§ **Given entries**
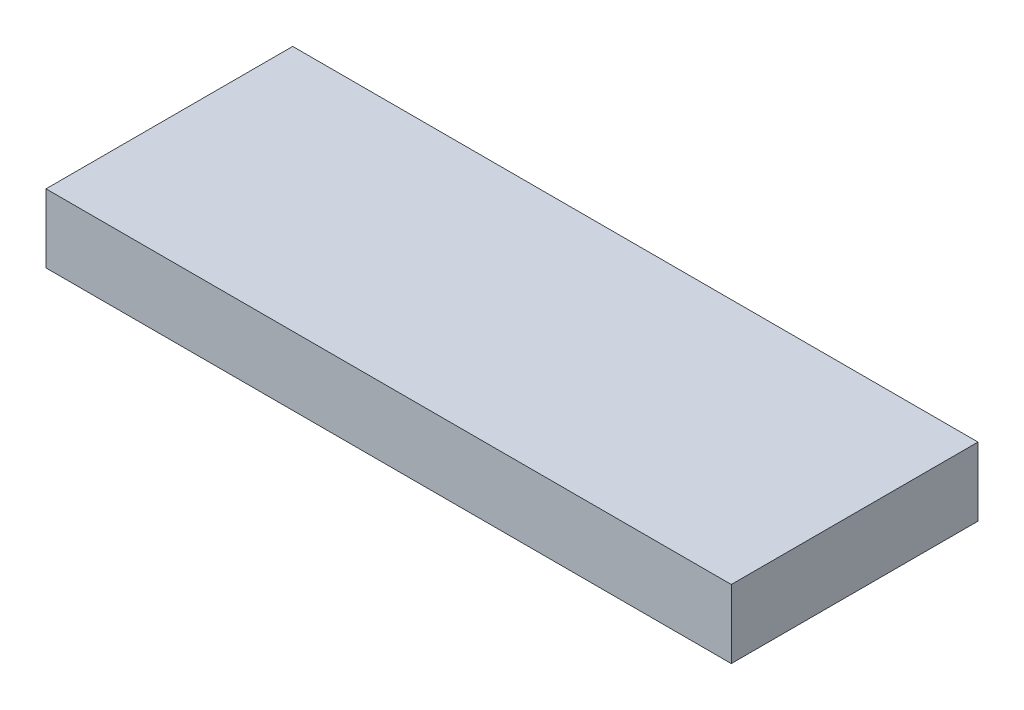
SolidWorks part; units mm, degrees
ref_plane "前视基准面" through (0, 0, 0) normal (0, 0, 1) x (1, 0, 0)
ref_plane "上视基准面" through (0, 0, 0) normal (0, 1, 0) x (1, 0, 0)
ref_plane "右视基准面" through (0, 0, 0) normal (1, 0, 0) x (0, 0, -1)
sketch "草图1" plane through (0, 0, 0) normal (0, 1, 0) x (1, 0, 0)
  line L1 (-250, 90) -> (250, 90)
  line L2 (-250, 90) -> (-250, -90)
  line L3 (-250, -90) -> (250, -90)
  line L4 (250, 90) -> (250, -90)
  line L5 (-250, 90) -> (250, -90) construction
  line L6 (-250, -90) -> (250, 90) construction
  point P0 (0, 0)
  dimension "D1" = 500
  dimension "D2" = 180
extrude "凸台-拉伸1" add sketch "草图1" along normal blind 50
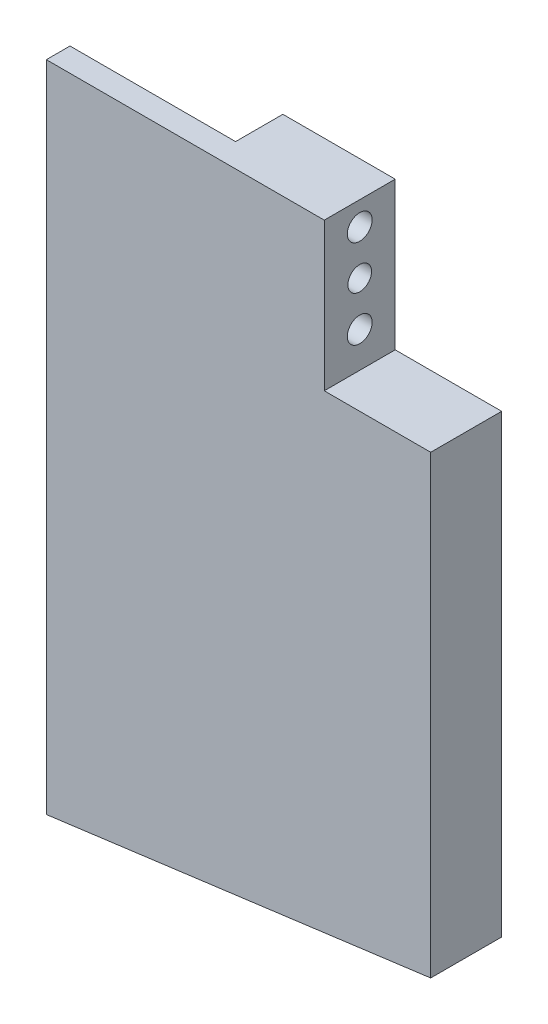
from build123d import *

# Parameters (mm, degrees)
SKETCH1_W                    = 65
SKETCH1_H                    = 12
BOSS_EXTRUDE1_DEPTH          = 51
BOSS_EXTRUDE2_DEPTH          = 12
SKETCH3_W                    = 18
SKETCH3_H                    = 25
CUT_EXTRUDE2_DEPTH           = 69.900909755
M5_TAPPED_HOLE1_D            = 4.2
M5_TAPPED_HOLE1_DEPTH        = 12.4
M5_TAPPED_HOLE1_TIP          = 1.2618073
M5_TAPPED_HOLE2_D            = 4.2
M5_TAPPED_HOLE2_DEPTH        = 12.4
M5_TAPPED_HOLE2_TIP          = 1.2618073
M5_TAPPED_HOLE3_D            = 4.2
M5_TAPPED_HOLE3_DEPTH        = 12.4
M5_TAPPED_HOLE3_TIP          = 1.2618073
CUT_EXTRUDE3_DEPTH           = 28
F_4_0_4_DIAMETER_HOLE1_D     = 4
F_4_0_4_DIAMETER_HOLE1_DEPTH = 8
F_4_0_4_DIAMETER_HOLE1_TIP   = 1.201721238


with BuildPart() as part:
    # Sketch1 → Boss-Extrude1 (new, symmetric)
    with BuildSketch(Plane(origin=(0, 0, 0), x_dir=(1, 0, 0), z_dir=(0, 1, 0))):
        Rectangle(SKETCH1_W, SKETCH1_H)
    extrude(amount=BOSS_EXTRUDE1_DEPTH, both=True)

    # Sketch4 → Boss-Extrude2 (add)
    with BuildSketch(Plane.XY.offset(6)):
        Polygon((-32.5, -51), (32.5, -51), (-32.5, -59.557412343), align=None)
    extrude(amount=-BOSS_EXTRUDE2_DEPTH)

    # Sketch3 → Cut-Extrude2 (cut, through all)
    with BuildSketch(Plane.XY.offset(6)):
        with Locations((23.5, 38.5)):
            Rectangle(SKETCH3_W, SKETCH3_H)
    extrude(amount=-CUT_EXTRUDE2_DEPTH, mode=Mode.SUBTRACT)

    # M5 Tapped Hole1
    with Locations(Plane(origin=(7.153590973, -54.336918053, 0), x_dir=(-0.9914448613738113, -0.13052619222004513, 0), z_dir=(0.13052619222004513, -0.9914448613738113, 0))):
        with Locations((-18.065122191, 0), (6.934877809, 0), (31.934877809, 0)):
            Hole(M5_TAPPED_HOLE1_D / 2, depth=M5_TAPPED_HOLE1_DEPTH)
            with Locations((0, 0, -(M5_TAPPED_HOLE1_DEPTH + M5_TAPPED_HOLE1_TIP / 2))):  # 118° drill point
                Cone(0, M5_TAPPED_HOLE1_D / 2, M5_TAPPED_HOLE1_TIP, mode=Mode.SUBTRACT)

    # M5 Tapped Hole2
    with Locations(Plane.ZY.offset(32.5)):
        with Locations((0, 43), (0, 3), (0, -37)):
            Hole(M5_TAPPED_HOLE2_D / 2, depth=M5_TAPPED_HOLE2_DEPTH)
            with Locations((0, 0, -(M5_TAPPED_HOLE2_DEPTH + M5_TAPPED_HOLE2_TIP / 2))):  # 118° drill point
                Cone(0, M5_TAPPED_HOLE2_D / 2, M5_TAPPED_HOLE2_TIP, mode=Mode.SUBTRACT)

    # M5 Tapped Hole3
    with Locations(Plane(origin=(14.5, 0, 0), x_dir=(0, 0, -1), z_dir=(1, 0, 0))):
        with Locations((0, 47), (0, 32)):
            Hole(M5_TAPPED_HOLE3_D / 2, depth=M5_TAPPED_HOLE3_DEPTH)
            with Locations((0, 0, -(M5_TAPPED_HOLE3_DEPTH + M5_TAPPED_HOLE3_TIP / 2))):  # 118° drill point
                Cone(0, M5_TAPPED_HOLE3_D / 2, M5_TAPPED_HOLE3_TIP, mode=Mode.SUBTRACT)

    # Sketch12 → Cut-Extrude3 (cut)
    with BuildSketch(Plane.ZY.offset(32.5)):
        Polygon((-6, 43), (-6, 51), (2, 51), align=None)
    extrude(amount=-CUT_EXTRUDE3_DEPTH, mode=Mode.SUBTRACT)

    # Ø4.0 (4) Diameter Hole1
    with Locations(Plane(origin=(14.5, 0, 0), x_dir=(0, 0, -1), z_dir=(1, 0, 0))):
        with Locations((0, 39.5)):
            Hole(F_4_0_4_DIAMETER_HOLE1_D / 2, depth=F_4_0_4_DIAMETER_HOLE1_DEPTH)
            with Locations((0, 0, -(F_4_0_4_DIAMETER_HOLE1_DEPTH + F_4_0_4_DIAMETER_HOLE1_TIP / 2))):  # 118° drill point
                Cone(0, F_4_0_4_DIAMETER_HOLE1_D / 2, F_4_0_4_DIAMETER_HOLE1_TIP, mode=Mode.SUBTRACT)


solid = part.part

§ **Exercise**
Work out how many lines of the data hold the string "Mode". Reply with that number alone.

§ **Solution to the exercise**
6